-------- Records for the exercise --------

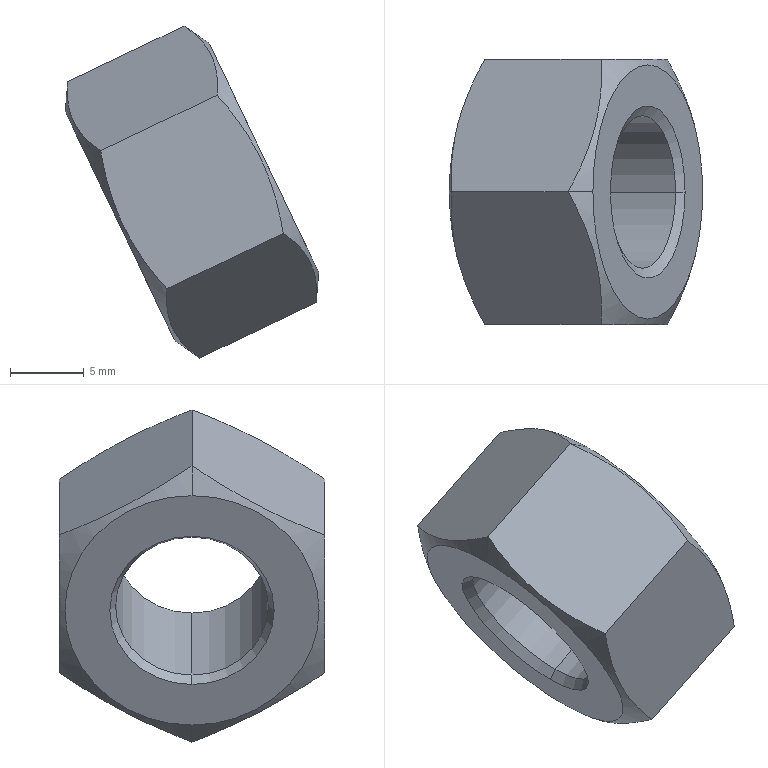Component | SolidWorks | hex nuts 1-fine pitch-grades ab gb-1 | 1 solid | 18 faces | box 17.19 x 18 x 22.53 mm | volume 2080 mm3 | cone 8 | plane 8 | cylinder 2 | commonest cylinder face diameters 10.376 x2
STEP:
#1=COLOUR_RGB('',0.7922,0.8196,0.9333);
#2=FILL_AREA_STYLE_COLOUR('',#1);
#3=FILL_AREA_STYLE('',(#2));
#4=SURFACE_STYLE_FILL_AREA(#3);
#5=SURFACE_SIDE_STYLE('',(#4));
#6=SURFACE_STYLE_USAGE(.BOTH.,#5);
#7=PRESENTATION_STYLE_ASSIGNMENT((#6));
#8=CARTESIAN_POINT('',(1.881,9.843,19.173));
#9=VERTEX_POINT('',#8);
#10=CARTESIAN_POINT('',(2.058,9.843,18.805));
#11=VERTEX_POINT('',#10);
#12=CARTESIAN_POINT('',(1.97,9.843,18.989));
#13=DIRECTION('',(0.902,-0.,0.4318));
#14=DIRECTION('',(-0.4318,-0.,0.902));
#15=AXIS2_PLACEMENT_3D('',#12,#13,#14);
#16=CIRCLE('',#15,0.2043);
#17=EDGE_CURVE('',#9,#11,#16,.T.);
#18=ORIENTED_EDGE('',*,*,#17,.F.);
#19=CARTESIAN_POINT('',(1.884,9.843,19.204));
#20=VERTEX_POINT('',#19);
#21=CARTESIAN_POINT('',(1.881,9.843,19.173));
#22=DIRECTION('',(0.07705,-0.,0.997));
#23=VECTOR('',#22,39.37);
#24=LINE('',#21,#23);
#25=EDGE_CURVE('',#9,#20,#24,.T.);
#26=ORIENTED_EDGE('',*,*,#25,.T.);
#27=CARTESIAN_POINT('',(2.083,9.843,18.788));
#28=VERTEX_POINT('',#27);
#29=CARTESIAN_POINT('',(1.983,9.843,18.996));
#30=DIRECTION('',(-0.902,0.,-0.4318));
#31=DIRECTION('',(-0.4318,-0.,0.902));
#32=AXIS2_PLACEMENT_3D('',#29,#30,#31);
#33=CIRCLE('',#32,0.2308);
#34=EDGE_CURVE('',#28,#20,#33,.T.);
#35=ORIENTED_EDGE('',*,*,#34,.F.);
#36=CARTESIAN_POINT('',(2.058,9.843,18.805));
#37=DIRECTION('',(0.8249,0.,-0.5652));
#38=VECTOR('',#37,39.37);
#39=LINE('',#36,#38);
#40=EDGE_CURVE('',#11,#28,#39,.T.);
#41=ORIENTED_EDGE('',*,*,#40,.F.);
#42=EDGE_LOOP('',(#18,#26,#35,#41));
#43=FACE_OUTER_BOUND('',#42,.T.);
#44=CARTESIAN_POINT('',(1.97,9.843,18.989));
#45=DIRECTION('',(0.902,-0.,0.4318));
#46=DIRECTION('',(0.4318,0.,-0.902));
#47=AXIS2_PLACEMENT_3D('',#44,#45,#46);
#48=CONICAL_SURFACE('',#47,0.2043,1.047);
#49=ADVANCED_FACE('',(#43),#48,.F.);
#50=CARTESIAN_POINT('',(1.712,9.843,18.64));
#51=VERTEX_POINT('',#50);
#52=CARTESIAN_POINT('',(1.536,9.843,19.008));
#53=VERTEX_POINT('',#52);
#54=CARTESIAN_POINT('',(1.624,9.843,18.824));
#55=DIRECTION('',(-0.902,0.,-0.4318));
#56=DIRECTION('',(-0.4318,-0.,0.902));
#57=AXIS2_PLACEMENT_3D('',#54,#55,#56);
#58=CIRCLE('',#57,0.2043);
#59=EDGE_CURVE('',#51,#53,#58,.T.);
#60=ORIENTED_EDGE('',*,*,#59,.F.);
#61=CARTESIAN_POINT('',(1.695,9.843,18.614));
#62=VERTEX_POINT('',#61);
#63=CARTESIAN_POINT('',(1.695,9.843,18.614));
#64=DIRECTION('',(-0.5652,0.,-0.8249));
#65=VECTOR('',#64,39.37);
#66=LINE('',#63,#65);
#67=EDGE_CURVE('',#51,#62,#66,.T.);
#68=ORIENTED_EDGE('',*,*,#67,.T.);
#69=CARTESIAN_POINT('',(1.505,9.843,19.01));
#70=VERTEX_POINT('',#69);
#71=CARTESIAN_POINT('',(1.6,9.843,18.812));
#72=DIRECTION('',(0.902,-0.,0.4318));
#73=DIRECTION('',(-0.4318,-0.,0.902));
#74=AXIS2_PLACEMENT_3D('',#71,#72,#73);
#75=CIRCLE('',#74,0.2196);
#76=EDGE_CURVE('',#70,#62,#75,.T.);
#77=ORIENTED_EDGE('',*,*,#76,.F.);
#78=CARTESIAN_POINT('',(1.505,9.843,19.01));
#79=DIRECTION('',(-0.997,-0.,0.07705));
#80=VECTOR('',#79,39.37);
#81=LINE('',#78,#80);
#82=EDGE_CURVE('',#53,#70,#81,.T.);
#83=ORIENTED_EDGE('',*,*,#82,.F.);
#84=EDGE_LOOP('',(#60,#68,#77,#83));
#85=FACE_OUTER_BOUND('',#84,.T.);
#86=CARTESIAN_POINT('',(1.6,9.843,18.812));
#87=DIRECTION('',(-0.902,0.,-0.4318));
#88=DIRECTION('',(-0.4318,-0.,0.902));
#89=AXIS2_PLACEMENT_3D('',#86,#87,#88);
#90=CONICAL_SURFACE('',#89,0.2196,0.5236);
#91=ADVANCED_FACE('',(#85),#90,.F.);
#92=CARTESIAN_POINT('',(1.837,9.843,19.302));
#93=VERTEX_POINT('',#92);
#94=CARTESIAN_POINT('',(2.13,9.843,18.69));
#95=VERTEX_POINT('',#94);
#96=CARTESIAN_POINT('',(1.983,9.843,18.996));
#97=DIRECTION('',(-0.902,0.,-0.4318));
#98=DIRECTION('',(-0.4318,-0.,0.902));
#99=AXIS2_PLACEMENT_3D('',#96,#97,#98);
#100=CIRCLE('',#99,0.3396);
#101=EDGE_CURVE('',#93,#95,#100,.T.);
#102=ORIENTED_EDGE('',*,*,#101,.T.);
#103=CARTESIAN_POINT('',(2.124,9.843,18.609));
#104=VERTEX_POINT('',#103);
#105=CARTESIAN_POINT('',(2.13,9.843,18.69));
#106=DIRECTION('',(-0.07705,0.,-0.997));
#107=VECTOR('',#106,39.37);
#108=LINE('',#105,#107);
#109=EDGE_CURVE('',#95,#104,#108,.T.);
#110=ORIENTED_EDGE('',*,*,#109,.T.);
#111=CARTESIAN_POINT('',(2.036,10.197,18.794));
#112=VERTEX_POINT('',#111);
#113=CARTESIAN_POINT('',(2.124,9.843,18.609));
#114=CARTESIAN_POINT('',(2.125,9.871,18.629));
#115=CARTESIAN_POINT('',(2.125,9.901,18.647));
#116=CARTESIAN_POINT('',(2.121,9.959,18.683));
#117=CARTESIAN_POINT('',(2.116,9.989,18.7));
#118=CARTESIAN_POINT('',(2.105,10.034,18.723));
#119=CARTESIAN_POINT('',(2.1,10.05,18.731));
#120=CARTESIAN_POINT('',(2.09,10.079,18.745));
#121=CARTESIAN_POINT('',(2.084,10.094,18.752));
#122=CARTESIAN_POINT('',(2.066,10.139,18.771));
#123=CARTESIAN_POINT('',(2.051,10.168,18.783));
#124=CARTESIAN_POINT('',(2.036,10.197,18.794));
#125=B_SPLINE_CURVE_WITH_KNOTS('',3,(#113,#114,#115,#116,#117,#118,#119,#120,#121,#122,#123,#124),.UNSPECIFIED.,.F.,.F.,(4,2,2,2,2,4),(0.00000024,0.002624,0.005248,0.00656,0.007872,0.0105),.UNSPECIFIED.);
#126=EDGE_CURVE('',#104,#112,#125,.T.);
#127=ORIENTED_EDGE('',*,*,#126,.T.);
#128=CARTESIAN_POINT('',(1.859,10.197,19.163));
#129=VERTEX_POINT('',#128);
#130=CARTESIAN_POINT('',(2.036,10.197,18.794));
#131=CARTESIAN_POINT('',(2.03,10.197,18.828));
#132=CARTESIAN_POINT('',(2.023,10.197,18.862));
#133=CARTESIAN_POINT('',(2.008,10.197,18.911));
#134=CARTESIAN_POINT('',(2.002,10.197,18.928));
#135=CARTESIAN_POINT('',(1.99,10.197,18.961));
#136=CARTESIAN_POINT('',(1.983,10.197,18.977));
#137=CARTESIAN_POINT('',(1.961,10.197,19.023));
#138=CARTESIAN_POINT('',(1.943,10.197,19.053));
#139=CARTESIAN_POINT('',(1.904,10.197,19.11));
#140=CARTESIAN_POINT('',(1.882,10.197,19.137));
#141=CARTESIAN_POINT('',(1.859,10.197,19.163));
#142=B_SPLINE_CURVE_WITH_KNOTS('',3,(#130,#131,#132,#133,#134,#135,#136,#137,#138,#139,#140,#141),.UNSPECIFIED.,.F.,.F.,(4,2,2,2,2,4),(0.003845,0.006467,0.007778,0.009089,0.01171,0.01433),.UNSPECIFIED.);
#143=EDGE_CURVE('',#112,#129,#142,.T.);
#144=ORIENTED_EDGE('',*,*,#143,.T.);
#145=CARTESIAN_POINT('',(1.771,9.843,19.348));
#146=VERTEX_POINT('',#145);
#147=CARTESIAN_POINT('',(1.859,10.197,19.163));
#148=CARTESIAN_POINT('',(1.86,10.168,19.182));
#149=CARTESIAN_POINT('',(1.86,10.139,19.201));
#150=CARTESIAN_POINT('',(1.856,10.08,19.236));
#151=CARTESIAN_POINT('',(1.851,10.05,19.253));
#152=CARTESIAN_POINT('',(1.84,10.005,19.277));
#153=CARTESIAN_POINT('',(1.835,9.99,19.284));
#154=CARTESIAN_POINT('',(1.825,9.96,19.299));
#155=CARTESIAN_POINT('',(1.819,9.945,19.305));
#156=CARTESIAN_POINT('',(1.801,9.901,19.325));
#157=CARTESIAN_POINT('',(1.786,9.871,19.337));
#158=CARTESIAN_POINT('',(1.771,9.843,19.348));
#159=B_SPLINE_CURVE_WITH_KNOTS('',3,(#147,#148,#149,#150,#151,#152,#153,#154,#155,#156,#157,#158),.UNSPECIFIED.,.F.,.F.,(4,2,2,2,2,4),(0.00000024,0.002624,0.005248,0.00656,0.007872,0.0105),.UNSPECIFIED.);
#160=EDGE_CURVE('',#129,#146,#159,.T.);
#161=ORIENTED_EDGE('',*,*,#160,.T.);
#162=CARTESIAN_POINT('',(1.837,9.843,19.302));
#163=DIRECTION('',(-0.8249,-0.,0.5652));
#164=VECTOR('',#163,39.37);
#165=LINE('',#162,#164);
#166=EDGE_CURVE('',#93,#146,#165,.T.);
#167=ORIENTED_EDGE('',*,*,#166,.F.);
#168=EDGE_LOOP('',(#102,#110,#127,#144,#161,#167));
#169=FACE_OUTER_BOUND('',#168,.T.);
#170=CARTESIAN_POINT('',(1.983,9.843,18.996));
#171=DIRECTION('',(-0.902,0.,-0.4318));
#172=DIRECTION('',(-0.4318,-0.,0.902));
#173=AXIS2_PLACEMENT_3D('',#170,#171,#172);
#174=CONICAL_SURFACE('',#173,0.3396,1.047);
#175=ADVANCED_FACE('',(#169),#174,.T.);
#176=CARTESIAN_POINT('',(1.453,9.843,19.119));
#177=VERTEX_POINT('',#176);
#178=CARTESIAN_POINT('',(1.747,9.843,18.506));
#179=VERTEX_POINT('',#178);
#180=CARTESIAN_POINT('',(1.6,9.843,18.812));
#181=DIRECTION('',(-0.902,0.,-0.4318));
#182=DIRECTION('',(-0.4318,-0.,0.902));
#183=AXIS2_PLACEMENT_3D('',#180,#181,#182);
#184=CIRCLE('',#183,0.3396);
#185=EDGE_CURVE('',#177,#179,#184,.T.);
#186=ORIENTED_EDGE('',*,*,#185,.F.);
#187=CARTESIAN_POINT('',(1.459,9.843,19.199));
#188=VERTEX_POINT('',#187);
#189=CARTESIAN_POINT('',(1.459,9.843,19.199));
#190=DIRECTION('',(0.07705,-0.,0.997));
#191=VECTOR('',#190,39.37);
#192=LINE('',#189,#191);
#193=EDGE_CURVE('',#177,#188,#192,.T.);
#194=ORIENTED_EDGE('',*,*,#193,.T.);
#195=CARTESIAN_POINT('',(1.548,10.197,19.014));
#196=VERTEX_POINT('',#195);
#197=CARTESIAN_POINT('',(1.459,9.843,19.199));
#198=CARTESIAN_POINT('',(1.458,9.871,19.179));
#199=CARTESIAN_POINT('',(1.458,9.901,19.161));
#200=CARTESIAN_POINT('',(1.463,9.959,19.125));
#201=CARTESIAN_POINT('',(1.468,9.989,19.109));
#202=CARTESIAN_POINT('',(1.479,10.034,19.085));
#203=CARTESIAN_POINT('',(1.483,10.05,19.078));
#204=CARTESIAN_POINT('',(1.493,10.079,19.063));
#205=CARTESIAN_POINT('',(1.499,10.094,19.056));
#206=CARTESIAN_POINT('',(1.517,10.139,19.037));
#207=CARTESIAN_POINT('',(1.532,10.168,19.025));
#208=CARTESIAN_POINT('',(1.548,10.197,19.014));
#209=B_SPLINE_CURVE_WITH_KNOTS('',3,(#197,#198,#199,#200,#201,#202,#203,#204,#205,#206,#207,#208),.UNSPECIFIED.,.F.,.F.,(4,2,2,2,2,4),(0.00000024,0.002624,0.005248,0.00656,0.007872,0.0105),.UNSPECIFIED.);
#210=EDGE_CURVE('',#188,#196,#209,.T.);
#211=ORIENTED_EDGE('',*,*,#210,.T.);
#212=CARTESIAN_POINT('',(1.724,10.197,18.645));
#213=VERTEX_POINT('',#212);
#214=CARTESIAN_POINT('',(1.548,10.197,19.014));
#215=CARTESIAN_POINT('',(1.554,10.197,18.98));
#216=CARTESIAN_POINT('',(1.561,10.197,18.946));
#217=CARTESIAN_POINT('',(1.581,10.197,18.879));
#218=CARTESIAN_POINT('',(1.593,10.197,18.847));
#219=CARTESIAN_POINT('',(1.615,10.197,18.8));
#220=CARTESIAN_POINT('',(1.623,10.197,18.785));
#221=CARTESIAN_POINT('',(1.641,10.197,18.755));
#222=CARTESIAN_POINT('',(1.65,10.197,18.74));
#223=CARTESIAN_POINT('',(1.68,10.197,18.698));
#224=CARTESIAN_POINT('',(1.702,10.197,18.671));
#225=CARTESIAN_POINT('',(1.724,10.197,18.645));
#226=B_SPLINE_CURVE_WITH_KNOTS('',3,(#214,#215,#216,#217,#218,#219,#220,#221,#222,#223,#224,#225),.UNSPECIFIED.,.F.,.F.,(4,2,2,2,2,4),(0.009237,0.01187,0.0145,0.01581,0.01712,0.01975),.UNSPECIFIED.);
#227=EDGE_CURVE('',#196,#213,#226,.T.);
#228=ORIENTED_EDGE('',*,*,#227,.T.);
#229=CARTESIAN_POINT('',(1.813,9.843,18.461));
#230=VERTEX_POINT('',#229);
#231=CARTESIAN_POINT('',(1.724,10.197,18.645));
#232=CARTESIAN_POINT('',(1.723,10.168,18.626));
#233=CARTESIAN_POINT('',(1.723,10.139,18.607));
#234=CARTESIAN_POINT('',(1.728,10.08,18.572));
#235=CARTESIAN_POINT('',(1.733,10.05,18.555));
#236=CARTESIAN_POINT('',(1.744,10.005,18.532));
#237=CARTESIAN_POINT('',(1.748,9.99,18.524));
#238=CARTESIAN_POINT('',(1.758,9.96,18.51));
#239=CARTESIAN_POINT('',(1.764,9.945,18.503));
#240=CARTESIAN_POINT('',(1.782,9.901,18.483));
#241=CARTESIAN_POINT('',(1.797,9.871,18.472));
#242=CARTESIAN_POINT('',(1.813,9.843,18.461));
#243=B_SPLINE_CURVE_WITH_KNOTS('',3,(#231,#232,#233,#234,#235,#236,#237,#238,#239,#240,#241,#242),.UNSPECIFIED.,.F.,.F.,(4,2,2,2,2,4),(0.00000024,0.002624,0.005248,0.00656,0.007872,0.0105),.UNSPECIFIED.);
#244=EDGE_CURVE('',#213,#230,#243,.T.);
#245=ORIENTED_EDGE('',*,*,#244,.T.);
#246=CARTESIAN_POINT('',(1.813,9.843,18.461));
#247=DIRECTION('',(0.8249,0.,-0.5652));
#248=VECTOR('',#247,39.37);
#249=LINE('',#246,#248);
#250=EDGE_CURVE('',#179,#230,#249,.T.);
#251=ORIENTED_EDGE('',*,*,#250,.F.);
#252=EDGE_LOOP('',(#186,#194,#211,#228,#245,#251));
#253=FACE_OUTER_BOUND('',#252,.T.);
#254=CARTESIAN_POINT('',(1.636,9.843,18.83));
#255=DIRECTION('',(0.902,-0.,0.4318));
#256=DIRECTION('',(0.4318,0.,-0.902));
#257=AXIS2_PLACEMENT_3D('',#254,#255,#256);
#258=CONICAL_SURFACE('',#257,0.4091,1.047);
#259=ADVANCED_FACE('',(#253),#258,.T.);
#260=ORIENTED_EDGE('',*,*,#59,.T.);
#261=CARTESIAN_POINT('',(1.512,9.843,18.997));
#262=DIRECTION('',(0.902,-0.,0.4318));
#263=VECTOR('',#262,39.37);
#264=LINE('',#261,#263);
#265=EDGE_CURVE('',#53,#9,#264,.T.);
#266=ORIENTED_EDGE('',*,*,#265,.T.);
#267=ORIENTED_EDGE('',*,*,#17,.T.);
#268=CARTESIAN_POINT('',(1.688,9.843,18.628));
#269=DIRECTION('',(0.902,-0.,0.4318));
#270=VECTOR('',#269,39.37);
#271=LINE('',#268,#270);
#272=EDGE_CURVE('',#51,#11,#271,.T.);
#273=ORIENTED_EDGE('',*,*,#272,.F.);
#274=EDGE_LOOP('',(#260,#266,#267,#273));
#275=FACE_OUTER_BOUND('',#274,.T.);
#276=CARTESIAN_POINT('',(1.6,9.843,18.812));
#277=DIRECTION('',(0.902,-0.,0.4318));
#278=DIRECTION('',(0.4318,0.,-0.902));
#279=AXIS2_PLACEMENT_3D('',#276,#277,#278);
#280=CYLINDRICAL_SURFACE('',#279,0.2043);
#281=ADVANCED_FACE('',(#275),#280,.F.);
#282=CARTESIAN_POINT('',(1.859,9.488,19.163));
#283=VERTEX_POINT('',#282);
#284=CARTESIAN_POINT('',(2.036,9.488,18.794));
#285=VERTEX_POINT('',#284);
#286=CARTESIAN_POINT('',(1.859,9.488,19.163));
#287=CARTESIAN_POINT('',(1.882,9.488,19.137));
#288=CARTESIAN_POINT('',(1.904,9.488,19.11));
#289=CARTESIAN_POINT('',(1.943,9.488,19.053));
#290=CARTESIAN_POINT('',(1.961,9.488,19.023));
#291=CARTESIAN_POINT('',(1.983,9.488,18.977));
#292=CARTESIAN_POINT('',(1.99,9.488,18.961));
#293=CARTESIAN_POINT('',(2.002,9.488,18.928));
#294=CARTESIAN_POINT('',(2.008,9.488,18.911));
#295=CARTESIAN_POINT('',(2.023,9.488,18.862));
#296=CARTESIAN_POINT('',(2.03,9.488,18.828));
#297=CARTESIAN_POINT('',(2.036,9.488,18.794));
#298=B_SPLINE_CURVE_WITH_KNOTS('',3,(#286,#287,#288,#289,#290,#291,#292,#293,#294,#295,#296,#297),.UNSPECIFIED.,.F.,.F.,(4,2,2,2,2,4),(0.009237,0.01187,0.0145,0.01581,0.01712,0.01975),.UNSPECIFIED.);
#299=EDGE_CURVE('',#283,#285,#298,.T.);
#300=ORIENTED_EDGE('',*,*,#299,.F.);
#301=CARTESIAN_POINT('',(1.548,9.488,19.014));
#302=VERTEX_POINT('',#301);
#303=CARTESIAN_POINT('',(1.512,9.488,18.997));
#304=DIRECTION('',(0.902,-0.,0.4318));
#305=VECTOR('',#304,39.37);
#306=LINE('',#303,#305);
#307=EDGE_CURVE('',#302,#283,#306,.T.);
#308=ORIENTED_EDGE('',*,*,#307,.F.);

--------

> Problem to work on: Give back exactly the lines above starting at the line where "#261=CARTESIAN_POINT('',(1.512,9.843,18.997));" appears and ending at the line where "#292=CARTESIAN_POINT('',(1.99,9.488,18.961));" appears, both included, with no other lines.

> Result for this task:
#261=CARTESIAN_POINT('',(1.512,9.843,18.997));
#262=DIRECTION('',(0.902,-0.,0.4318));
#263=VECTOR('',#262,39.37);
#264=LINE('',#261,#263);
#265=EDGE_CURVE('',#53,#9,#264,.T.);
#266=ORIENTED_EDGE('',*,*,#265,.T.);
#267=ORIENTED_EDGE('',*,*,#17,.T.);
#268=CARTESIAN_POINT('',(1.688,9.843,18.628));
#269=DIRECTION('',(0.902,-0.,0.4318));
#270=VECTOR('',#269,39.37);
#271=LINE('',#268,#270);
#272=EDGE_CURVE('',#51,#11,#271,.T.);
#273=ORIENTED_EDGE('',*,*,#272,.F.);
#274=EDGE_LOOP('',(#260,#266,#267,#273));
#275=FACE_OUTER_BOUND('',#274,.T.);
#276=CARTESIAN_POINT('',(1.6,9.843,18.812));
#277=DIRECTION('',(0.902,-0.,0.4318));
#278=DIRECTION('',(0.4318,0.,-0.902));
#279=AXIS2_PLACEMENT_3D('',#276,#277,#278);
#280=CYLINDRICAL_SURFACE('',#279,0.2043);
#281=ADVANCED_FACE('',(#275),#280,.F.);
#282=CARTESIAN_POINT('',(1.859,9.488,19.163));
#283=VERTEX_POINT('',#282);
#284=CARTESIAN_POINT('',(2.036,9.488,18.794));
#285=VERTEX_POINT('',#284);
#286=CARTESIAN_POINT('',(1.859,9.488,19.163));
#287=CARTESIAN_POINT('',(1.882,9.488,19.137));
#288=CARTESIAN_POINT('',(1.904,9.488,19.11));
#289=CARTESIAN_POINT('',(1.943,9.488,19.053));
#290=CARTESIAN_POINT('',(1.961,9.488,19.023));
#291=CARTESIAN_POINT('',(1.983,9.488,18.977));
#292=CARTESIAN_POINT('',(1.99,9.488,18.961));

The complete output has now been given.